- _The task_: The answer must consist of each line below that contains the string "save".

━━━━━━━━━━━━━━━━━━━━━━━━━━━━━━

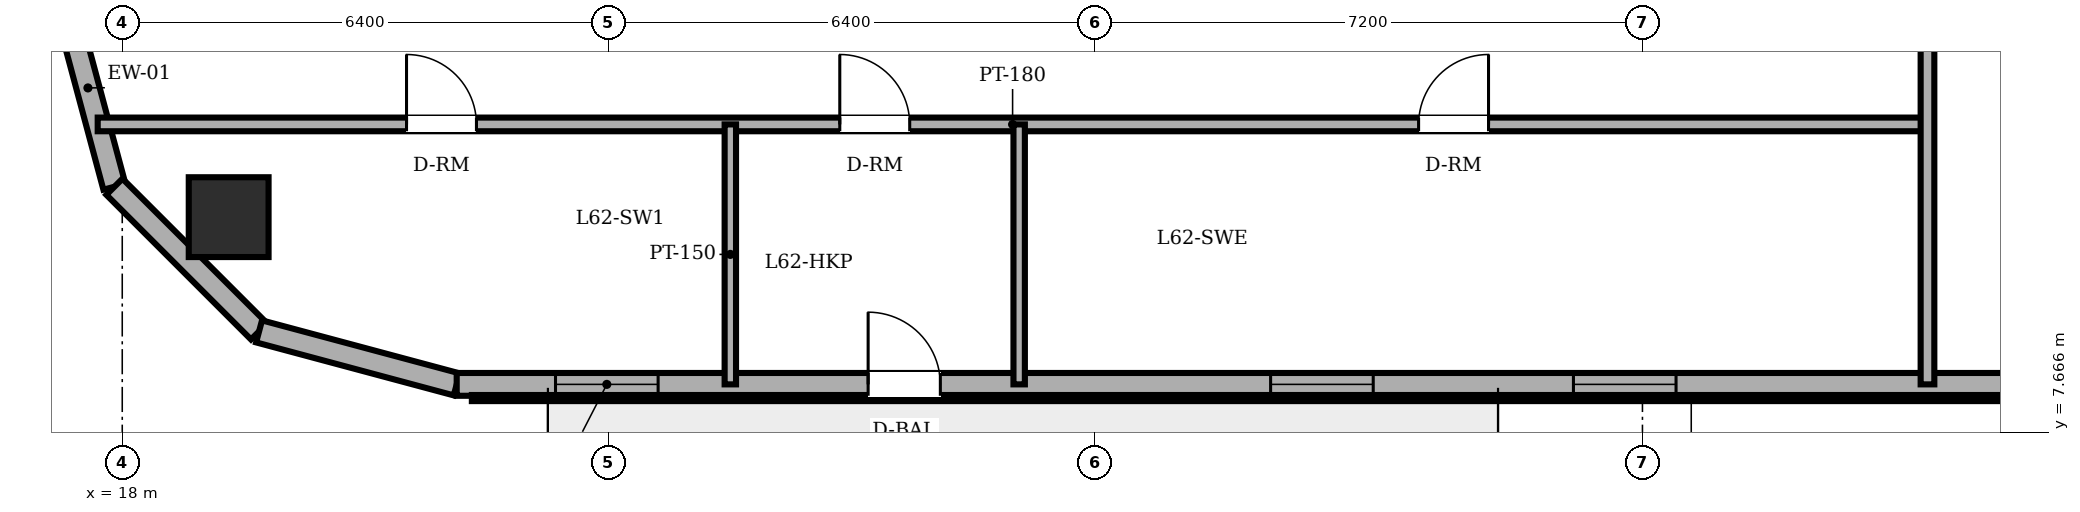
"""IFC4 building model, lengths in metres.
Left out: names, types, materials, properties, quantities, classifications, styles, units other than length and angle.
Written with IfcOpenShell. Run it as: python <this file> out.ifc"""

import sys

from ifc_helpers import new_model, si_unit, direction, frame, frame_2d, origin, origin_2d, place, context, subcontext, project, spatial, rectangle, circle, extrude, element, fill, save


model = new_model("IFC4")
c1 = context("Model", 3, precision=1e-05, world=origin(), true_north=direction((0.0, 1.0)))
c2 = subcontext(c1, "Body", "Model", "MODEL_VIEW")
j1 = project(units=[si_unit("LENGTHUNIT", "METRE"), si_unit("PLANEANGLEUNIT", "RADIAN")], contexts=[c1])
p1 = place(None, origin())
s1 = spatial("IfcSite", under=j1, at=p1, CompositionType="ELEMENT")
p2 = place(p1, origin())
s2 = spatial("IfcBuilding", under=s1, at=p2, CompositionType="ELEMENT")
p3 = place(p2, frame((0.0, 0.0, 237.3)))
s3 = spatial("IfcBuildingStorey", under=s2, at=p3, CompositionType="ELEMENT", Elevation=237.3)
p4 = place(p3, frame((19.4, 10.5, 0.0), z_axis=(0.0, 0.0, 1.0), x_axis=(1.0, 0.0, 0.0)))
e1 = element("IfcColumn", 1, at=p4, inside=s3, PredefinedType="COLUMN", context=c2, shape_type="SweptSolid", body=[
    extrude(circle(Radius=0.525, at=origin_2d()), origin(), (0.0, 0.0, 1.0), 3.6),
])
p5 = place(p3, frame((17.2, 13.5, 0.0), z_axis=(0.0, 0.0, 1.0), x_axis=(0.258932525951, -0.965895412042, 0.0)))
e2 = element("IfcWall", 2, at=p5, inside=s3, PredefinedType="SOLIDWALL", context=c2, shape_type="SweptSolid", body=[
    extrude(rectangle(XDim=2.692, YDim=0.3, at=frame_2d((1.346, 0.0))), origin(), (0.0, 0.0, 1.0), 3.4),
])
p6 = place(p3, frame((17.897, 10.9, 0.0), z_axis=(0.0, 0.0, 1.0), x_axis=(0.707152139074, -0.70706142039, 0.0)))
e3 = element("IfcWall", 3, at=p6, inside=s3, PredefinedType="SOLIDWALL", context=c2, shape_type="SweptSolid", body=[
    extrude(rectangle(XDim=2.691, YDim=0.3, at=frame_2d((1.346, 0.0))), origin(), (0.0, 0.0, 1.0), 3.4),
])
p7 = place(p3, frame((19.8, 8.997, 0.0), z_axis=(0.0, 0.0, 1.0), x_axis=(0.965889330541, -0.258955210695, 0.0)))
e4 = element("IfcWall", 4, at=p7, inside=s3, PredefinedType="SOLIDWALL", context=c2, shape_type="SweptSolid", body=[
    extrude(rectangle(XDim=2.692, YDim=0.3, at=frame_2d((1.346, 0.0))), origin(), (0.0, 0.0, 1.0), 3.4),
])
p8 = place(p3, frame((22.4, 8.3, 0.0), z_axis=(0.0, 0.0, 1.0), x_axis=(1.0, 0.0, 0.0)))
e5 = element("IfcWall", 5, at=p8, inside=s3, PredefinedType="SOLIDWALL", context=c2, shape_type="SweptSolid", body=[
    extrude(rectangle(XDim=32.485, YDim=0.3, at=frame_2d((16.243, 0.0))), origin(), (0.0, 0.0, 1.0), 3.4),
])
p9 = place(p8, frame((5.413, 0.0, 0.0)))
e6 = element("IfcOpeningElement", 6, at=p9, cuts=e5, PredefinedType="OPENING", context=c2, shape_type="SweptSolid", body=[
    extrude(rectangle(XDim=0.95, YDim=2.2, at=frame_2d((0.475, 1.1))), frame((0.0, 0.16, 0.0), z_axis=(0.0, -1.0, 0.0), x_axis=(1.0, 0.0, 0.0)), (0.0, 0.0, 1.0), 0.32),
])
p10 = place(p8, frame((1.3, 0.0, 0.85)))
e7 = element("IfcOpeningElement", 7, at=p10, cuts=e5, PredefinedType="OPENING", context=c2, shape_type="SweptSolid", body=[
    extrude(rectangle(XDim=1.35, YDim=1.55, at=frame_2d((0.675, 0.775))), frame((0.0, 0.16, 0.0), z_axis=(0.0, -1.0, 0.0), x_axis=(1.0, 0.0, 0.0)), (0.0, 0.0, 1.0), 0.32),
])
p11 = place(p8, frame((10.708, 0.0, 0.85)))
e8 = element("IfcOpeningElement", 8, at=p11, cuts=e5, PredefinedType="OPENING", context=c2, shape_type="SweptSolid", body=[
    extrude(rectangle(XDim=1.35, YDim=1.55, at=frame_2d((0.675, 0.775))), frame((0.0, 0.16, 0.0), z_axis=(0.0, -1.0, 0.0), x_axis=(1.0, 0.0, 0.0)), (0.0, 0.0, 1.0), 0.32),
])
p12 = place(p8, frame((14.692, 0.0, 0.85)))
e9 = element("IfcOpeningElement", 9, at=p12, cuts=e5, PredefinedType="OPENING", context=c2, shape_type="SweptSolid", body=[
    extrude(rectangle(XDim=1.35, YDim=1.55, at=frame_2d((0.675, 0.775))), frame((0.0, 0.16, 0.0), z_axis=(0.0, -1.0, 0.0), x_axis=(1.0, 0.0, 0.0)), (0.0, 0.0, 1.0), 0.32),
])
p13 = place(p8, frame((22.937, 0.0, 0.85)))
e10 = element("IfcOpeningElement", 10, at=p13, cuts=e5, PredefinedType="OPENING", context=c2, shape_type="SweptSolid", body=[
    extrude(rectangle(XDim=1.35, YDim=1.55, at=frame_2d((0.675, 0.775))), frame((0.0, 0.16, 0.0), z_axis=(0.0, -1.0, 0.0), x_axis=(1.0, 0.0, 0.0)), (0.0, 0.0, 1.0), 0.32),
])
p14 = place(p8, frame((27.198, 0.0, 0.85)))
e11 = element("IfcOpeningElement", 11, at=p14, cuts=e5, PredefinedType="OPENING", context=c2, shape_type="SweptSolid", body=[
    extrude(rectangle(XDim=1.35, YDim=1.55, at=frame_2d((0.675, 0.775))), frame((0.0, 0.16, 0.0), z_axis=(0.0, -1.0, 0.0), x_axis=(1.0, 0.0, 0.0)), (0.0, 0.0, 1.0), 0.32),
])
p15 = place(p3, frame((17.677, 11.72, 0.0), z_axis=(0.0, 0.0, 1.0), x_axis=(1.0, 0.0, 0.0)))
e12 = element("IfcWall", 12, at=p15, inside=s3, PredefinedType="PARTITIONING", context=c2, shape_type="SweptSolid", body=[
    extrude(rectangle(XDim=24.073, YDim=0.18, at=frame_2d((12.037, 0.0))), origin(), (0.0, 0.0, 1.0), 3.4),
])
p16 = place(p15, frame((9.763, 0.0, 0.0)))
e13 = element("IfcOpeningElement", 13, at=p16, cuts=e12, PredefinedType="OPENING", context=c2, shape_type="SweptSolid", body=[
    extrude(rectangle(XDim=0.92, YDim=2.1, at=frame_2d((0.46, 1.05))), frame((0.0, 0.1, 0.0), z_axis=(0.0, -1.0, 0.0), x_axis=(1.0, 0.0, 0.0)), (0.0, 0.0, 1.0), 0.2),
])
p17 = place(p15, frame((4.063, 0.0, 0.0)))
e14 = element("IfcOpeningElement", 14, at=p17, cuts=e12, PredefinedType="OPENING", context=c2, shape_type="SweptSolid", body=[
    extrude(rectangle(XDim=0.92, YDim=2.1, at=frame_2d((0.46, 1.05))), frame((0.0, 0.1, 0.0), z_axis=(0.0, -1.0, 0.0), x_axis=(1.0, 0.0, 0.0)), (0.0, 0.0, 1.0), 0.2),
])
p18 = place(p15, frame((17.378, 0.0, 0.0)))
e15 = element("IfcOpeningElement", 15, at=p18, cuts=e12, PredefinedType="OPENING", context=c2, shape_type="SweptSolid", body=[
    extrude(rectangle(XDim=0.92, YDim=2.1, at=frame_2d((0.46, 1.05))), frame((0.0, 0.1, 0.0), z_axis=(0.0, -1.0, 0.0), x_axis=(1.0, 0.0, 0.0)), (0.0, 0.0, 1.0), 0.2),
])
for number, where, z_axis, x_axis in (
    (16, (26.0, 8.3, 0.0), (0.0, 0.0, 1.0), (0.0, 1.0, 0.0)),
    (17, (29.8, 8.3, 0.0), (0.0, 0.0, 1.0), (0.0, 1.0, 0.0)),
):
    element("IfcWall", number, at=place(p3, frame(where, z_axis=z_axis, x_axis=x_axis)), inside=s3, PredefinedType="PARTITIONING", context=c2, shape_type="SweptSolid", body=[
        extrude(rectangle(XDim=3.42, YDim=0.15, at=frame_2d((1.71, 0.0))), origin(), (0.0, 0.0, 1.0), 3.4),
    ])
p19 = place(p3, frame((41.75, 8.3, 0.0), z_axis=(0.0, 0.0, 1.0), x_axis=(0.0, 1.0, 0.0)))
e18 = element("IfcWall", 18, at=p19, inside=s3, PredefinedType="PARTITIONING", context=c2, shape_type="SweptSolid", body=[
    extrude(rectangle(XDim=14.52, YDim=0.18, at=frame_2d((7.26, 0.0))), origin(), (0.0, 0.0, 1.0), 3.4),
])
p20 = place(p9, origin())
e19 = element("IfcDoor", 19, at=p20, inside=s3, OperationType="SINGLE_SWING_LEFT", PredefinedType="DOOR", context=c2, shape_type="SweptSolid", body=[
    extrude(rectangle(XDim=0.95, YDim=2.2, at=frame_2d((0.475, 1.1))), frame((0.0, 0.025, 0.0), z_axis=(0.0, -1.0, 0.0), x_axis=(1.0, 0.0, 0.0)), (0.0, 0.0, 1.0), 0.05),
])
fill(e6, e19)
p21 = place(p10, origin())
e20 = element("IfcWindow", 20, at=p21, inside=s3, PartitioningType="SINGLE_PANEL", PredefinedType="WINDOW", context=c2, shape_type="SweptSolid", body=[
    extrude(rectangle(XDim=1.35, YDim=1.55, at=frame_2d((0.675, 0.775))), frame((0.0, 0.03, 0.0), z_axis=(0.0, -1.0, 0.0), x_axis=(1.0, 0.0, 0.0)), (0.0, 0.0, 1.0), 0.06),
])
fill(e7, e20)
p22 = place(p11, origin())
e21 = element("IfcWindow", 21, at=p22, inside=s3, PartitioningType="SINGLE_PANEL", PredefinedType="WINDOW", context=c2, shape_type="SweptSolid", body=[
    extrude(rectangle(XDim=1.35, YDim=1.55, at=frame_2d((0.675, 0.775))), frame((0.0, 0.03, 0.0), z_axis=(0.0, -1.0, 0.0), x_axis=(1.0, 0.0, 0.0)), (0.0, 0.0, 1.0), 0.06),
])
fill(e8, e21)
p23 = place(p12, origin())
e22 = element("IfcWindow", 22, at=p23, inside=s3, PartitioningType="SINGLE_PANEL", PredefinedType="WINDOW", context=c2, shape_type="SweptSolid", body=[
    extrude(rectangle(XDim=1.35, YDim=1.55, at=frame_2d((0.675, 0.775))), frame((0.0, 0.03, 0.0), z_axis=(0.0, -1.0, 0.0), x_axis=(1.0, 0.0, 0.0)), (0.0, 0.0, 1.0), 0.06),
])
fill(e9, e22)
p24 = place(p16, origin())
e23 = element("IfcDoor", 23, at=p24, inside=s3, OperationType="SINGLE_SWING_LEFT", PredefinedType="DOOR", context=c2, shape_type="SweptSolid", body=[
    extrude(rectangle(XDim=0.92, YDim=2.1, at=frame_2d((0.46, 1.05))), frame((0.0, 0.025, 0.0), z_axis=(0.0, -1.0, 0.0), x_axis=(1.0, 0.0, 0.0)), (0.0, 0.0, 1.0), 0.05),
])
fill(e13, e23)
p25 = place(p17, origin())
e24 = element("IfcDoor", 24, at=p25, inside=s3, OperationType="SINGLE_SWING_LEFT", PredefinedType="DOOR", context=c2, shape_type="SweptSolid", body=[
    extrude(rectangle(XDim=0.92, YDim=2.1, at=frame_2d((0.46, 1.05))), frame((0.0, 0.025, 0.0), z_axis=(0.0, -1.0, 0.0), x_axis=(1.0, 0.0, 0.0)), (0.0, 0.0, 1.0), 0.05),
])
fill(e14, e24)
p26 = place(p18, origin())
e25 = element("IfcDoor", 25, at=p26, inside=s3, OperationType="SINGLE_SWING_RIGHT", PredefinedType="DOOR", context=c2, shape_type="SweptSolid", body=[
    extrude(rectangle(XDim=0.92, YDim=2.1, at=frame_2d((0.46, 1.05))), frame((0.0, 0.025, 0.0), z_axis=(0.0, -1.0, 0.0), x_axis=(1.0, 0.0, 0.0)), (0.0, 0.0, 1.0), 0.05),
])
fill(e15, e25)
save(model, sys.argv[1])

━━━━━━━━━━━━━━━━━━━━━━━━━━━━━━

- _Answer to this task_:
from ifc_helpers import new_model, si_unit, direction, frame, frame_2d, origin, origin_2d, place, context, subcontext, project, spatial, rectangle, circle, extrude, element, fill, save
save(model, sys.argv[1])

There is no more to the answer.